- [PROBLEM STATEMENT] The answer is the data below, repeated exactly, with no pictures included.

- [DATA RECORDS]
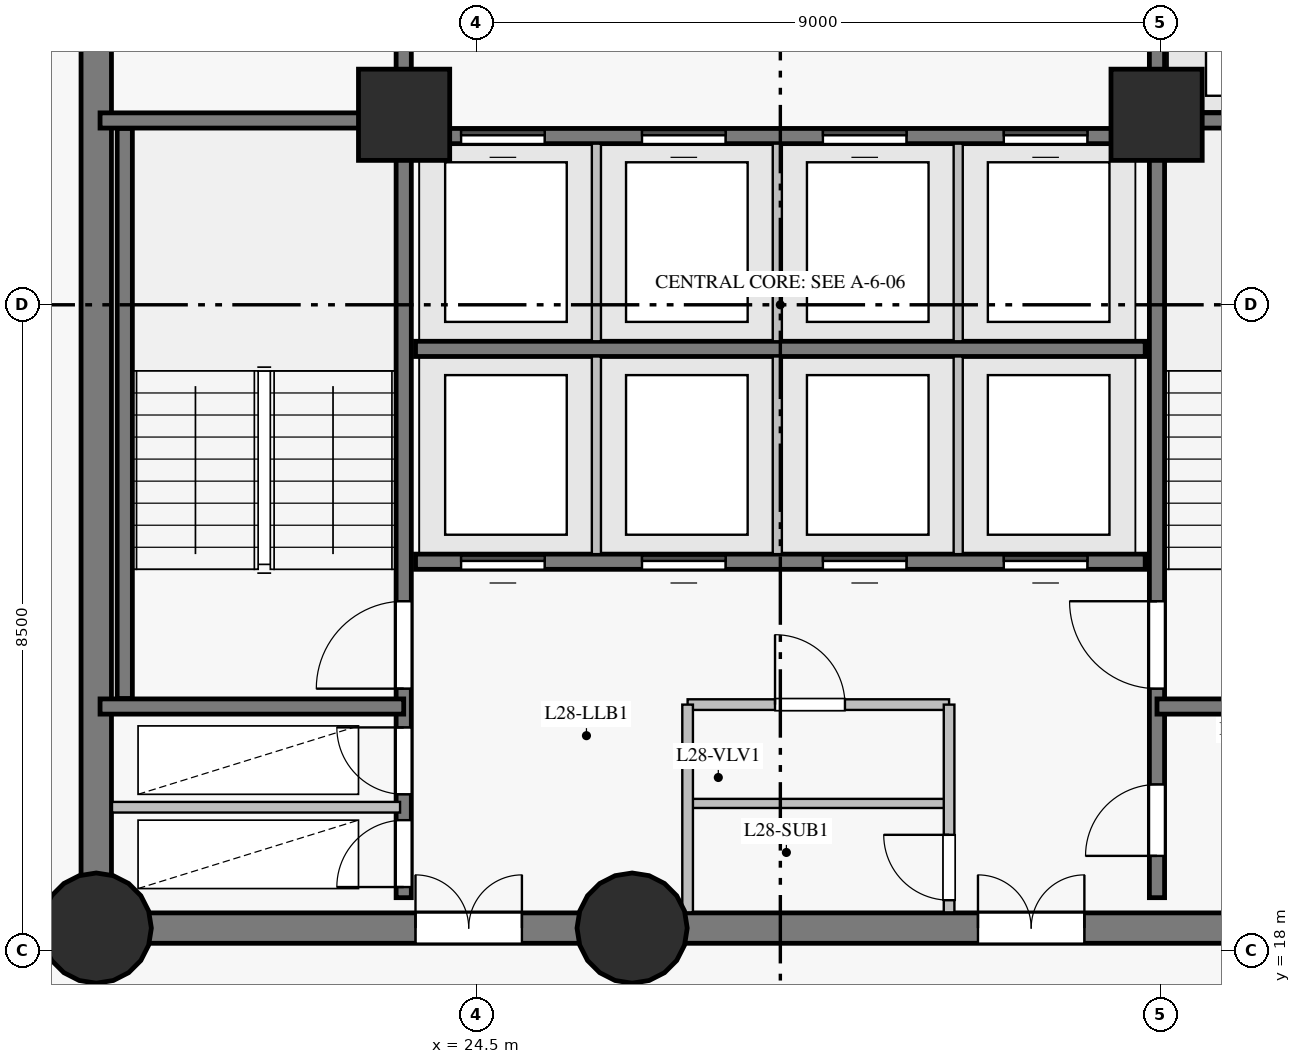
"""IFC4 building model, lengths in metres.
Left out: names, types, materials, properties, quantities, classifications, styles, units other than length and angle.
Written with IfcOpenShell. Run it as: python <this file> out.ifc"""

import sys

from ifc_helpers import new_model, si_unit, direction, frame, frame_2d, origin, origin_with_axes, origin_2d, place, context, subcontext, project, spatial, rectangle, circle, extrude, source, transform, mapped, element, fill, save


model = new_model("IFC4")
c1 = context("Model", 3, precision=1e-05, world=origin(), true_north=direction((0.0, 1.0)))
c2 = subcontext(c1, "Body", "Model", "MODEL_VIEW")
j1 = project(units=[si_unit("LENGTHUNIT", "METRE"), si_unit("PLANEANGLEUNIT", "RADIAN")], contexts=[c1])
p1 = place(None, origin())
s1 = spatial("IfcSite", under=j1, at=p1, CompositionType="ELEMENT")
p2 = place(p1, origin())
s2 = spatial("IfcBuilding", under=s1, at=p2, CompositionType="ELEMENT")
p3 = place(p2, frame((0.0, 0.0, 105.35)))
s3 = spatial("IfcBuildingStorey", under=s2, at=p3, CompositionType="ELEMENT", Elevation=105.35)
p4 = place(p3, frame((19.5, 18.3, 0.0), z_axis=(0.0, 0.0, 1.0), x_axis=(1.0, 0.0, 0.0)))
e1 = element("IfcWall", 1, at=p4, inside=s3, PredefinedType="SHEAR", context=c2, shape_type="SweptSolid", body=[
    extrude(rectangle(XDim=7.05, YDim=0.4, at=frame_2d((3.525, 0.0))), origin(), (0.0, 0.0, 1.0), 2.825),
])
p5 = place(p4, frame((4.2, 0.0, 0.0)))
e2 = element("IfcOpeningElement", 2, at=p5, cuts=e1, PredefinedType="OPENING", context=c2, shape_type="SweptSolid", body=[
    extrude(rectangle(XDim=1.4, YDim=2.2, at=frame_2d((0.7, 1.1))), frame((0.0, 0.21, 0.0), z_axis=(0.0, -1.0, 0.0), x_axis=(1.0, 0.0, 0.0)), (0.0, 0.0, 1.0), 0.42),
])
p6 = place(p3, frame((26.55, 18.3, 0.0), z_axis=(0.0, 0.0, 1.0), x_axis=(1.0, 0.0, 0.0)))
e3 = element("IfcWall", 3, at=p6, inside=s3, PredefinedType="SHEAR", context=c2, shape_type="SweptSolid", body=[
    extrude(rectangle(XDim=10.95, YDim=0.4, at=frame_2d((5.475, 0.0))), origin(), (0.0, 0.0, 1.0), 2.825),
])
p7 = place(p6, frame((4.55, 0.0, 0.0)))
e4 = element("IfcOpeningElement", 4, at=p7, cuts=e3, PredefinedType="OPENING", context=c2, shape_type="SweptSolid", body=[
    extrude(rectangle(XDim=1.4, YDim=2.2, at=frame_2d((0.7, 1.1))), frame((0.0, 0.21, 0.0), z_axis=(0.0, -1.0, 0.0), x_axis=(1.0, 0.0, 0.0)), (0.0, 0.0, 1.0), 0.42),
])
p8 = place(p3, frame((19.5, 34.7, 0.0), z_axis=(0.0, 0.0, 1.0), x_axis=(0.0, -1.0, 0.0)))
e5 = element("IfcWall", 5, at=p8, inside=s3, PredefinedType="SHEAR", context=c2, shape_type="SweptSolid", body=[
    extrude(rectangle(XDim=16.4, YDim=0.4, at=frame_2d((8.2, 0.0))), origin(), (0.0, 0.0, 1.0), 2.825),
])
p9 = place(p8, frame((3.1, 0.0, 0.0)))
e6 = element("IfcOpeningElement", 6, at=p9, cuts=e5, PredefinedType="OPENING", context=c2, shape_type="SweptSolid", body=[
    extrude(rectangle(XDim=1.1, YDim=2.15, at=frame_2d((0.55, 1.075))), frame((0.0, 0.21, 0.0), z_axis=(0.0, -1.0, 0.0), x_axis=(1.0, 0.0, 0.0)), (0.0, 0.0, 1.0), 0.42),
])
m1 = source(origin_with_axes(), c2, "Body", "SweptSolid", [
    extrude(circle(Radius=0.725, at=origin_2d()), origin(), (0.0, 0.0, 1.0), 3.05),
])
for number, where, z_axis, x_axis in (
    (7, (19.5, 18.3, 0.0), (0.0, 0.0, 1.0), (1.0, 0.0, 0.0)),
    (8, (26.55, 18.3, 0.0), (0.0, 0.0, 1.0), (1.0, 0.0, 0.0)),
):
    element("IfcColumn", number, at=place(p3, frame(where, z_axis=z_axis, x_axis=x_axis)), inside=s3, PredefinedType="COLUMN", context=c2, shape_type="MappedRepresentation", body=[
        mapped(m1, transform((0.0, 0.0, 0.0), scale=1.0)),
    ])
m2 = source(origin_with_axes(), c2, "Body", "SweptSolid", [
    extrude(rectangle(XDim=1.2, YDim=1.2, at=origin_2d()), origin(), (0.0, 0.0, 1.0), 3.05),
])
for number, where, z_axis, x_axis in (
    (9, (23.55, 29.0, 0.0), (0.0, 0.0, 1.0), (1.0, 0.0, 0.0)),
    (10, (33.45, 29.0, 0.0), (0.0, 0.0, 1.0), (1.0, 0.0, 0.0)),
):
    element("IfcColumn", number, at=place(p3, frame(where, z_axis=z_axis, x_axis=x_axis)), inside=s3, PredefinedType="COLUMN", context=c2, shape_type="MappedRepresentation", body=[
        mapped(m2, transform((0.0, 0.0, 0.0), scale=1.0)),
    ])
p10 = place(p3, frame((23.545, 18.7, 0.0), z_axis=(0.0, 0.0, 1.0), x_axis=(0.0, 1.0, 0.0)))
e11 = element("IfcWall", 11, at=p10, inside=s3, PredefinedType="SHEAR", context=c2, shape_type="SweptSolid", body=[
    extrude(rectangle(XDim=15.6, YDim=0.2, at=frame_2d((7.8, 0.0))), origin(), (0.0, 0.0, 1.0), 2.825),
])
p11 = place(p10, frame((2.75, 0.0, 0.0)))
e12 = element("IfcOpeningElement", 12, at=p11, cuts=e11, PredefinedType="OPENING", context=c2, shape_type="SweptSolid", body=[
    extrude(rectangle(XDim=1.15, YDim=2.15, at=frame_2d((0.575, 1.075))), frame((0.0, 0.11, 0.0), z_axis=(0.0, -1.0, 0.0), x_axis=(1.0, 0.0, 0.0)), (0.0, 0.0, 1.0), 0.22),
])
p12 = place(p10, frame((0.14, 0.0, 0.0)))
e13 = element("IfcOpeningElement", 13, at=p12, cuts=e11, PredefinedType="OPENING", context=c2, shape_type="SweptSolid", body=[
    extrude(rectangle(XDim=0.88, YDim=2.1, at=frame_2d((0.44, 1.05))), frame((0.0, 0.11, 0.0), z_axis=(0.0, -1.0, 0.0), x_axis=(1.0, 0.0, 0.0)), (0.0, 0.0, 1.0), 0.22),
])
p13 = place(p10, frame((1.36, 0.0, 0.0)))
e14 = element("IfcOpeningElement", 14, at=p13, cuts=e11, PredefinedType="OPENING", context=c2, shape_type="SweptSolid", body=[
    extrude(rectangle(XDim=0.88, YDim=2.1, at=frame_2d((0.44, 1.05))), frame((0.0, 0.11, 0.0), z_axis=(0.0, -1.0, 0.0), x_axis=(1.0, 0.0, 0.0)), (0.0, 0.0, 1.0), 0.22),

- [RESULT OF THIS EXERCISE]
"""IFC4 building model, lengths in metres.
Left out: names, types, materials, properties, quantities, classifications, styles, units other than length and angle.
Written with IfcOpenShell. Run it as: python <this file> out.ifc"""

import sys

from ifc_helpers import new_model, si_unit, direction, frame, frame_2d, origin, origin_with_axes, origin_2d, place, context, subcontext, project, spatial, rectangle, circle, extrude, source, transform, mapped, element, fill, save


model = new_model("IFC4")
c1 = context("Model", 3, precision=1e-05, world=origin(), true_north=direction((0.0, 1.0)))
c2 = subcontext(c1, "Body", "Model", "MODEL_VIEW")
j1 = project(units=[si_unit("LENGTHUNIT", "METRE"), si_unit("PLANEANGLEUNIT", "RADIAN")], contexts=[c1])
p1 = place(None, origin())
s1 = spatial("IfcSite", under=j1, at=p1, CompositionType="ELEMENT")
p2 = place(p1, origin())
s2 = spatial("IfcBuilding", under=s1, at=p2, CompositionType="ELEMENT")
p3 = place(p2, frame((0.0, 0.0, 105.35)))
s3 = spatial("IfcBuildingStorey", under=s2, at=p3, CompositionType="ELEMENT", Elevation=105.35)
p4 = place(p3, frame((19.5, 18.3, 0.0), z_axis=(0.0, 0.0, 1.0), x_axis=(1.0, 0.0, 0.0)))
e1 = element("IfcWall", 1, at=p4, inside=s3, PredefinedType="SHEAR", context=c2, shape_type="SweptSolid", body=[
    extrude(rectangle(XDim=7.05, YDim=0.4, at=frame_2d((3.525, 0.0))), origin(), (0.0, 0.0, 1.0), 2.825),
])
p5 = place(p4, frame((4.2, 0.0, 0.0)))
e2 = element("IfcOpeningElement", 2, at=p5, cuts=e1, PredefinedType="OPENING", context=c2, shape_type="SweptSolid", body=[
    extrude(rectangle(XDim=1.4, YDim=2.2, at=frame_2d((0.7, 1.1))), frame((0.0, 0.21, 0.0), z_axis=(0.0, -1.0, 0.0), x_axis=(1.0, 0.0, 0.0)), (0.0, 0.0, 1.0), 0.42),
])
p6 = place(p3, frame((26.55, 18.3, 0.0), z_axis=(0.0, 0.0, 1.0), x_axis=(1.0, 0.0, 0.0)))
e3 = element("IfcWall", 3, at=p6, inside=s3, PredefinedType="SHEAR", context=c2, shape_type="SweptSolid", body=[
    extrude(rectangle(XDim=10.95, YDim=0.4, at=frame_2d((5.475, 0.0))), origin(), (0.0, 0.0, 1.0), 2.825),
])
p7 = place(p6, frame((4.55, 0.0, 0.0)))
e4 = element("IfcOpeningElement", 4, at=p7, cuts=e3, PredefinedType="OPENING", context=c2, shape_type="SweptSolid", body=[
    extrude(rectangle(XDim=1.4, YDim=2.2, at=frame_2d((0.7, 1.1))), frame((0.0, 0.21, 0.0), z_axis=(0.0, -1.0, 0.0), x_axis=(1.0, 0.0, 0.0)), (0.0, 0.0, 1.0), 0.42),
])
p8 = place(p3, frame((19.5, 34.7, 0.0), z_axis=(0.0, 0.0, 1.0), x_axis=(0.0, -1.0, 0.0)))
e5 = element("IfcWall", 5, at=p8, inside=s3, PredefinedType="SHEAR", context=c2, shape_type="SweptSolid", body=[
    extrude(rectangle(XDim=16.4, YDim=0.4, at=frame_2d((8.2, 0.0))), origin(), (0.0, 0.0, 1.0), 2.825),
])
p9 = place(p8, frame((3.1, 0.0, 0.0)))
e6 = element("IfcOpeningElement", 6, at=p9, cuts=e5, PredefinedType="OPENING", context=c2, shape_type="SweptSolid", body=[
    extrude(rectangle(XDim=1.1, YDim=2.15, at=frame_2d((0.55, 1.075))), frame((0.0, 0.21, 0.0), z_axis=(0.0, -1.0, 0.0), x_axis=(1.0, 0.0, 0.0)), (0.0, 0.0, 1.0), 0.42),
])
m1 = source(origin_with_axes(), c2, "Body", "SweptSolid", [
    extrude(circle(Radius=0.725, at=origin_2d()), origin(), (0.0, 0.0, 1.0), 3.05),
])
for number, where, z_axis, x_axis in (
    (7, (19.5, 18.3, 0.0), (0.0, 0.0, 1.0), (1.0, 0.0, 0.0)),
    (8, (26.55, 18.3, 0.0), (0.0, 0.0, 1.0), (1.0, 0.0, 0.0)),
):
    element("IfcColumn", number, at=place(p3, frame(where, z_axis=z_axis, x_axis=x_axis)), inside=s3, PredefinedType="COLUMN", context=c2, shape_type="MappedRepresentation", body=[
        mapped(m1, transform((0.0, 0.0, 0.0), scale=1.0)),
    ])
m2 = source(origin_with_axes(), c2, "Body", "SweptSolid", [
    extrude(rectangle(XDim=1.2, YDim=1.2, at=origin_2d()), origin(), (0.0, 0.0, 1.0), 3.05),
])
for number, where, z_axis, x_axis in (
    (9, (23.55, 29.0, 0.0), (0.0, 0.0, 1.0), (1.0, 0.0, 0.0)),
    (10, (33.45, 29.0, 0.0), (0.0, 0.0, 1.0), (1.0, 0.0, 0.0)),
):
    element("IfcColumn", number, at=place(p3, frame(where, z_axis=z_axis, x_axis=x_axis)), inside=s3, PredefinedType="COLUMN", context=c2, shape_type="MappedRepresentation", body=[
        mapped(m2, transform((0.0, 0.0, 0.0), scale=1.0)),
    ])
p10 = place(p3, frame((23.545, 18.7, 0.0), z_axis=(0.0, 0.0, 1.0), x_axis=(0.0, 1.0, 0.0)))
e11 = element("IfcWall", 11, at=p10, inside=s3, PredefinedType="SHEAR", context=c2, shape_type="SweptSolid", body=[
    extrude(rectangle(XDim=15.6, YDim=0.2, at=frame_2d((7.8, 0.0))), origin(), (0.0, 0.0, 1.0), 2.825),
])
p11 = place(p10, frame((2.75, 0.0, 0.0)))
e12 = element("IfcOpeningElement", 12, at=p11, cuts=e11, PredefinedType="OPENING", context=c2, shape_type="SweptSolid", body=[
    extrude(rectangle(XDim=1.15, YDim=2.15, at=frame_2d((0.575, 1.075))), frame((0.0, 0.11, 0.0), z_axis=(0.0, -1.0, 0.0), x_axis=(1.0, 0.0, 0.0)), (0.0, 0.0, 1.0), 0.22),
])
p12 = place(p10, frame((0.14, 0.0, 0.0)))
e13 = element("IfcOpeningElement", 13, at=p12, cuts=e11, PredefinedType="OPENING", context=c2, shape_type="SweptSolid", body=[
    extrude(rectangle(XDim=0.88, YDim=2.1, at=frame_2d((0.44, 1.05))), frame((0.0, 0.11, 0.0), z_axis=(0.0, -1.0, 0.0), x_axis=(1.0, 0.0, 0.0)), (0.0, 0.0, 1.0), 0.22),
])
p13 = place(p10, frame((1.36, 0.0, 0.0)))
e14 = element("IfcOpeningElement", 14, at=p13, cuts=e11, PredefinedType="OPENING", context=c2, shape_type="SweptSolid", body=[
    extrude(rectangle(XDim=0.88, YDim=2.1, at=frame_2d((0.44, 1.05))), frame((0.0, 0.11, 0.0), z_axis=(0.0, -1.0, 0.0), x_axis=(1.0, 0.0, 0.0)), (0.0, 0.0, 1.0), 0.22),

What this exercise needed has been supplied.